AIM OF THE TASK ▸ Report how many lines of the data below contain "SHEAR". Give nothing besides the number.

ENTRIES SHOWN ▸
---

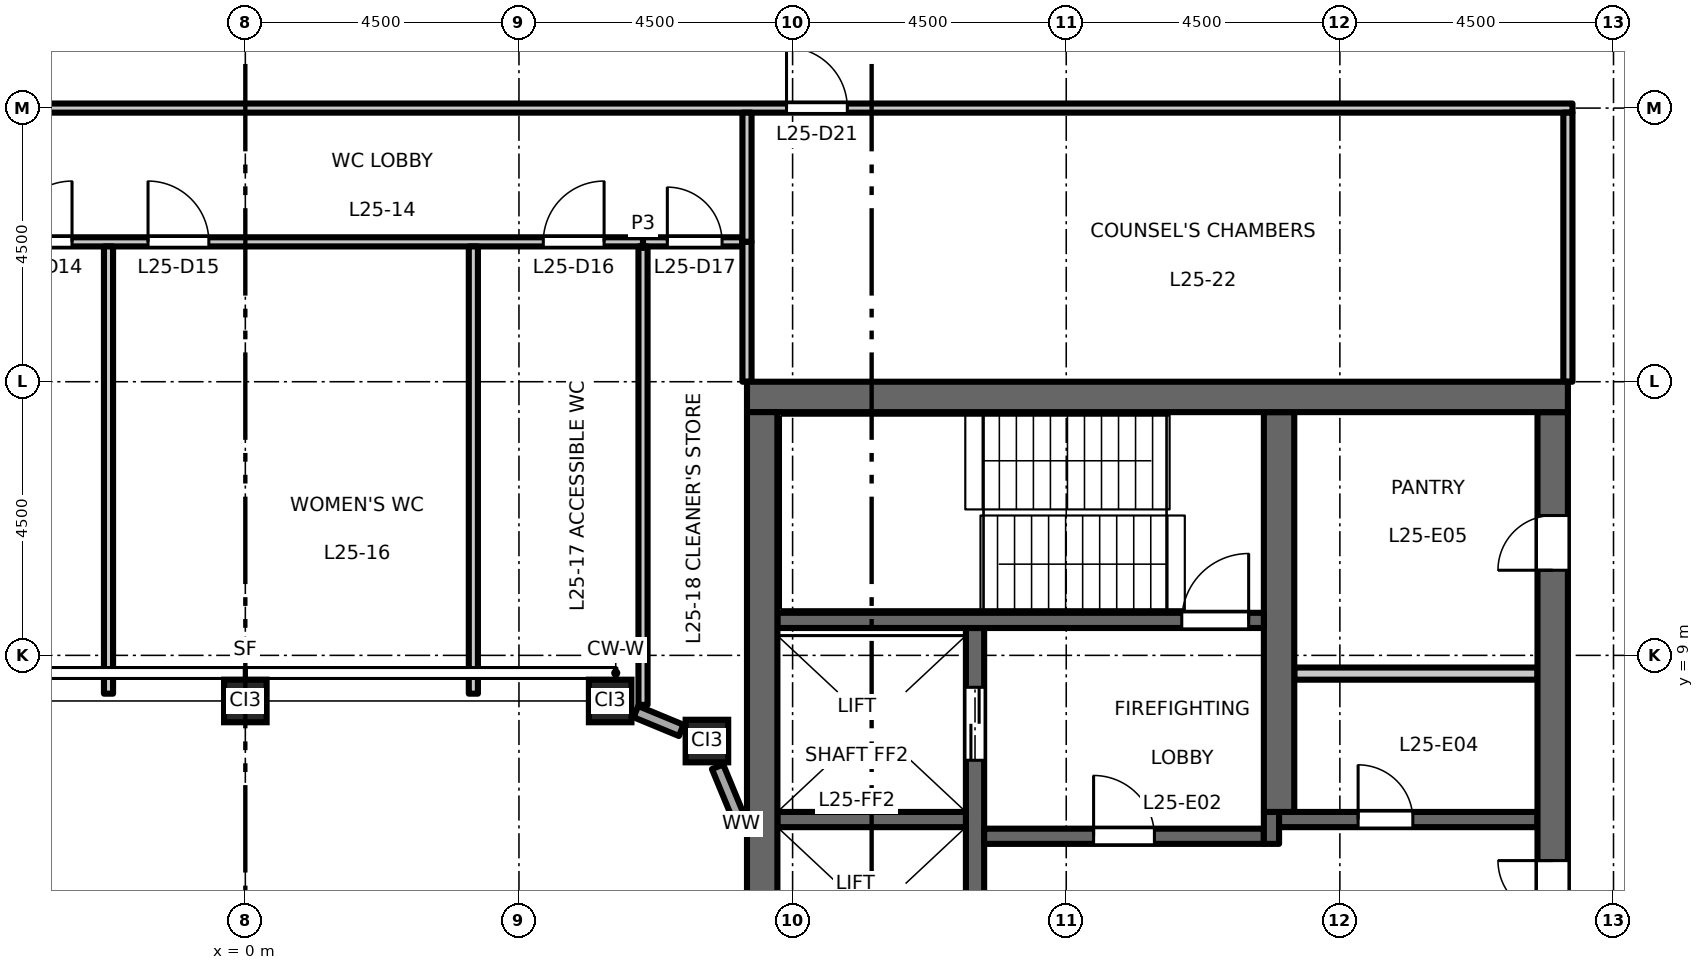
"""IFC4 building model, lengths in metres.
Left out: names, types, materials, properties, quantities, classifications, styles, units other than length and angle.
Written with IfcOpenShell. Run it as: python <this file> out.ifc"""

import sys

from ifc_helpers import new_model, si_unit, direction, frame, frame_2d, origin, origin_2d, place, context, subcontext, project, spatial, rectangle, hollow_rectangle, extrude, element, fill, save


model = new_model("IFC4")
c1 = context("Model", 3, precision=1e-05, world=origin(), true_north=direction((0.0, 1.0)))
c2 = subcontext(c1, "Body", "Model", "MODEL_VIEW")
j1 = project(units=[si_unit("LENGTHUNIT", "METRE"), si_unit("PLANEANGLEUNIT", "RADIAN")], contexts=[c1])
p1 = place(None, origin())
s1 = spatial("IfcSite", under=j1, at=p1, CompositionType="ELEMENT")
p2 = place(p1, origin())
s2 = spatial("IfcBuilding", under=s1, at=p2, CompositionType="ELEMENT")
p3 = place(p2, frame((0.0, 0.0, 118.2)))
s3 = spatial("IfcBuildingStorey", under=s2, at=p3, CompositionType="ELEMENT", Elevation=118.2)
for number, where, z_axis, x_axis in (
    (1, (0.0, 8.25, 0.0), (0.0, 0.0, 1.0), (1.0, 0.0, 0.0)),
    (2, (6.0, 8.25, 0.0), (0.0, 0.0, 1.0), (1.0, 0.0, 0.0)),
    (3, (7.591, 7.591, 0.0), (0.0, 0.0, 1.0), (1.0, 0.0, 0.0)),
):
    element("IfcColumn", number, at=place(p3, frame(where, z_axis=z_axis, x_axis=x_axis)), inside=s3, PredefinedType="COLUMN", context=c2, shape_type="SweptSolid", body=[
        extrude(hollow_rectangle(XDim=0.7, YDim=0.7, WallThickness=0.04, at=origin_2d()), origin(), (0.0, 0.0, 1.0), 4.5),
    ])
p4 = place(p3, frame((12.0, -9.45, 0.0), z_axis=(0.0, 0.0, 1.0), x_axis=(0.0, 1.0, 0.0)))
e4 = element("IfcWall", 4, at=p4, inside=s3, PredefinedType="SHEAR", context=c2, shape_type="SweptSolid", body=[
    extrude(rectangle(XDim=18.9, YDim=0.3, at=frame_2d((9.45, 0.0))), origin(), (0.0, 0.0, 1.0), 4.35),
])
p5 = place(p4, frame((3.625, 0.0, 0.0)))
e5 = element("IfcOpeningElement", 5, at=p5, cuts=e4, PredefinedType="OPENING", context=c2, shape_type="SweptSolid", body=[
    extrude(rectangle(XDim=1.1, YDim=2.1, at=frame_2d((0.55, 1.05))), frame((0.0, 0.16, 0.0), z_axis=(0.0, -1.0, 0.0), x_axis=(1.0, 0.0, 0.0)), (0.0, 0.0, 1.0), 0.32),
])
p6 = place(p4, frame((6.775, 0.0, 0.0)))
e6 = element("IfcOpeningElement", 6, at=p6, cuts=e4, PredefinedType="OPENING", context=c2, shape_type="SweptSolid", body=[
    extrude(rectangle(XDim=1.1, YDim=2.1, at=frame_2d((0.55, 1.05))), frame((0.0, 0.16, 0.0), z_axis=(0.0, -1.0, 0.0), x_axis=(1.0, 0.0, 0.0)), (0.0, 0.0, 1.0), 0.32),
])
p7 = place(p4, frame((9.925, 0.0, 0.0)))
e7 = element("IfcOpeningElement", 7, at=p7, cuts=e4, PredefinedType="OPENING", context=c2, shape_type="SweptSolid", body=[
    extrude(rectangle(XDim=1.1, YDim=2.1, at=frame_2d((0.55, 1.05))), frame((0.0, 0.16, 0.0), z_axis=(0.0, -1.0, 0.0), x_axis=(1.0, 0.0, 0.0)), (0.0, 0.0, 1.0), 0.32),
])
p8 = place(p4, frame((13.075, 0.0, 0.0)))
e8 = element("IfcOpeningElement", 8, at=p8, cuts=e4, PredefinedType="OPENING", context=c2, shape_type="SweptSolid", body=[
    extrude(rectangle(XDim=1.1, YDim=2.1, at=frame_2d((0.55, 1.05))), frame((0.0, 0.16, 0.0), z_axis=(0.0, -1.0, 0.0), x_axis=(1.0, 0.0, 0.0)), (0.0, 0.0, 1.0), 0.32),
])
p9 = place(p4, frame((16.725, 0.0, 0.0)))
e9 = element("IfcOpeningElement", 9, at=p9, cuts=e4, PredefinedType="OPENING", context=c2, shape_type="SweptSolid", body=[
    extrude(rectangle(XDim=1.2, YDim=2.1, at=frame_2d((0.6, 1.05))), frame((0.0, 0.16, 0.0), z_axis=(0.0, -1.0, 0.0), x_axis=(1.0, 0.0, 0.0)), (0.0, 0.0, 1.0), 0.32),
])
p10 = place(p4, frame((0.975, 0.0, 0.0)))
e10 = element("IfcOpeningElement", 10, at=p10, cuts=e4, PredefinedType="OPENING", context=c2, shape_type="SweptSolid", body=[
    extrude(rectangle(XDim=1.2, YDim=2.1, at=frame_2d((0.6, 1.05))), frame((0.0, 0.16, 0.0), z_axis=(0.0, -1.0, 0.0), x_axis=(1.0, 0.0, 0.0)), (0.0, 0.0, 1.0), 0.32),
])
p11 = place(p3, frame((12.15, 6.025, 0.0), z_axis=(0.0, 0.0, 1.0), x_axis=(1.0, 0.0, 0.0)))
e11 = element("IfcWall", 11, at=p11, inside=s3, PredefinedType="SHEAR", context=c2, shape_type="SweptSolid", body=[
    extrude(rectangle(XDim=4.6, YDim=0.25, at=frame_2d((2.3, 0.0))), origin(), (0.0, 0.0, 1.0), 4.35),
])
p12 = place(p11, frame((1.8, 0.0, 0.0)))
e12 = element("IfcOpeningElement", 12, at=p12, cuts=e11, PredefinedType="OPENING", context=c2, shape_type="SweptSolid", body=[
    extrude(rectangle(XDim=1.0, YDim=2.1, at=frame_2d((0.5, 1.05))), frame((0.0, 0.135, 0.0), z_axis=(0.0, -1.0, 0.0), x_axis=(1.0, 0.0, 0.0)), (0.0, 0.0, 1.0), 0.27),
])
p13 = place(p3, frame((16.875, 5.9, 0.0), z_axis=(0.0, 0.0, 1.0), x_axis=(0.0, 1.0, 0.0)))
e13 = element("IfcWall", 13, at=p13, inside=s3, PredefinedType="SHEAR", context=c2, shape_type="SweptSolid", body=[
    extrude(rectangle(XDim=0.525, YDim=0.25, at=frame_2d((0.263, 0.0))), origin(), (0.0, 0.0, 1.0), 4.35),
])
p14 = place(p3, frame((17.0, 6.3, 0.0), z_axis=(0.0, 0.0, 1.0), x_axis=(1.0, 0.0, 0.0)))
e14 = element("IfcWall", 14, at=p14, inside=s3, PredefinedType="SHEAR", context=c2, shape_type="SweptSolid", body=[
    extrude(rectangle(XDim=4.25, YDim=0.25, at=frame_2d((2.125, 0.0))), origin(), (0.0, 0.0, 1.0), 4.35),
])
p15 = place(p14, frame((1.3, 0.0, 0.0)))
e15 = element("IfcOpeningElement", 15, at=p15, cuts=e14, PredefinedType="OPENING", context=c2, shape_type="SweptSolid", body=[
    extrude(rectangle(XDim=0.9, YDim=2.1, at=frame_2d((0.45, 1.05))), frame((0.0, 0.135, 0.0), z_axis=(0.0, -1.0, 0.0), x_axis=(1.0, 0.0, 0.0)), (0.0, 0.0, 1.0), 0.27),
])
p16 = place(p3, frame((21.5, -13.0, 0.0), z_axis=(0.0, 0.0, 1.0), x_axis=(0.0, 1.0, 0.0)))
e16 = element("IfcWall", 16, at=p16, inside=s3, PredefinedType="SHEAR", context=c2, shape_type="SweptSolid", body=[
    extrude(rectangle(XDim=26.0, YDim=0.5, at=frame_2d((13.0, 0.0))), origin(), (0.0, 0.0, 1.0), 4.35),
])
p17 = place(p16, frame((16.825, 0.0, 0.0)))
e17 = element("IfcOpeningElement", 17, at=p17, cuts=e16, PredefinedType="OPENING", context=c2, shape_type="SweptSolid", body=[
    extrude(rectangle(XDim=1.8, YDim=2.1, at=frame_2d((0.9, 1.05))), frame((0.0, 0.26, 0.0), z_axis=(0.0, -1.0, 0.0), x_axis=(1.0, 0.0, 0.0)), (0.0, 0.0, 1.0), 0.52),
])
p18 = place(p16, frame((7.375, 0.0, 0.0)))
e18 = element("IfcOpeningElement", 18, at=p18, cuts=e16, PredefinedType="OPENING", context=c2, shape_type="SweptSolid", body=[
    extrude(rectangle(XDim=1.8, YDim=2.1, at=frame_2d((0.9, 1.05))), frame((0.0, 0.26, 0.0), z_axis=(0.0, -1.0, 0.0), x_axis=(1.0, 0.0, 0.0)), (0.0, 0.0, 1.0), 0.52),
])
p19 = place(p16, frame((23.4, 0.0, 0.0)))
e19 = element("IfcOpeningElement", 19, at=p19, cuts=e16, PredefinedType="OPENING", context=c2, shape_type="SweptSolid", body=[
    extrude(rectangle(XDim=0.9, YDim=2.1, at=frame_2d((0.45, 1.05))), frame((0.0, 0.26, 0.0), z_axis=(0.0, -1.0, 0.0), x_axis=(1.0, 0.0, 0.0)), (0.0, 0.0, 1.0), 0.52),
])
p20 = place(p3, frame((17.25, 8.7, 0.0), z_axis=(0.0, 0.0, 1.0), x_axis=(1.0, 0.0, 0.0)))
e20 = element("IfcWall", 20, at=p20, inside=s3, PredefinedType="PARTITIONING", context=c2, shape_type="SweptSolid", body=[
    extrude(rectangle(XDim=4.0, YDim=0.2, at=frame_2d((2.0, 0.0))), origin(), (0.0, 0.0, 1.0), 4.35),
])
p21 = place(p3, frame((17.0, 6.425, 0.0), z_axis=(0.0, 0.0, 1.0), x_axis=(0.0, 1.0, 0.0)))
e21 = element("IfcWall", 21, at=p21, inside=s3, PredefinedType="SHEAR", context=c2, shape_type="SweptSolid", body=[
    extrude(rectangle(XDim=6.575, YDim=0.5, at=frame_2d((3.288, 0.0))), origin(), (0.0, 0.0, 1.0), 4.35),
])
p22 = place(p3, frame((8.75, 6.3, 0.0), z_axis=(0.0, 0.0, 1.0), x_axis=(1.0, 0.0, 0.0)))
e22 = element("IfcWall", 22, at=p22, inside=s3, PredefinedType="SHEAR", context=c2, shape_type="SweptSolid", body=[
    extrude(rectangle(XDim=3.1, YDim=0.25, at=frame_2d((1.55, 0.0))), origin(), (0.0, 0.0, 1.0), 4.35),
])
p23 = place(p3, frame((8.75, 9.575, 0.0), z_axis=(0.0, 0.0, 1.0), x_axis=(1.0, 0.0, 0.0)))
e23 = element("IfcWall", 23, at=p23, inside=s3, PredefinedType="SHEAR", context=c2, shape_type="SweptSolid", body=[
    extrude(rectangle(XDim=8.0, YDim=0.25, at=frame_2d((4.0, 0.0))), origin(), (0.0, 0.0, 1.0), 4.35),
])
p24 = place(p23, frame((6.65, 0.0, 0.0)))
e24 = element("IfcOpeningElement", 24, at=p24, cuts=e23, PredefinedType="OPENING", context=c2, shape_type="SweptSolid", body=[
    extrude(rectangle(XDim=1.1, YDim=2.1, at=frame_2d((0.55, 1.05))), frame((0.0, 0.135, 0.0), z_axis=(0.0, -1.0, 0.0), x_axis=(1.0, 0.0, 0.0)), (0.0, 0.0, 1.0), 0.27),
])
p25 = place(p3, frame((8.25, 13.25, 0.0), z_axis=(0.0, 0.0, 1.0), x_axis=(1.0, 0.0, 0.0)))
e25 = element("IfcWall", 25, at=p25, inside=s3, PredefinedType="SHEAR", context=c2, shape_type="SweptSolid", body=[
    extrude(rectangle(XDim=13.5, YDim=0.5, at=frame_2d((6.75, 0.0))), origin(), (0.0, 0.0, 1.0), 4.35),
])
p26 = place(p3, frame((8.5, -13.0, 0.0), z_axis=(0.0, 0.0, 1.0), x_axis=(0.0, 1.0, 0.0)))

---

OUTPUT ▸ 9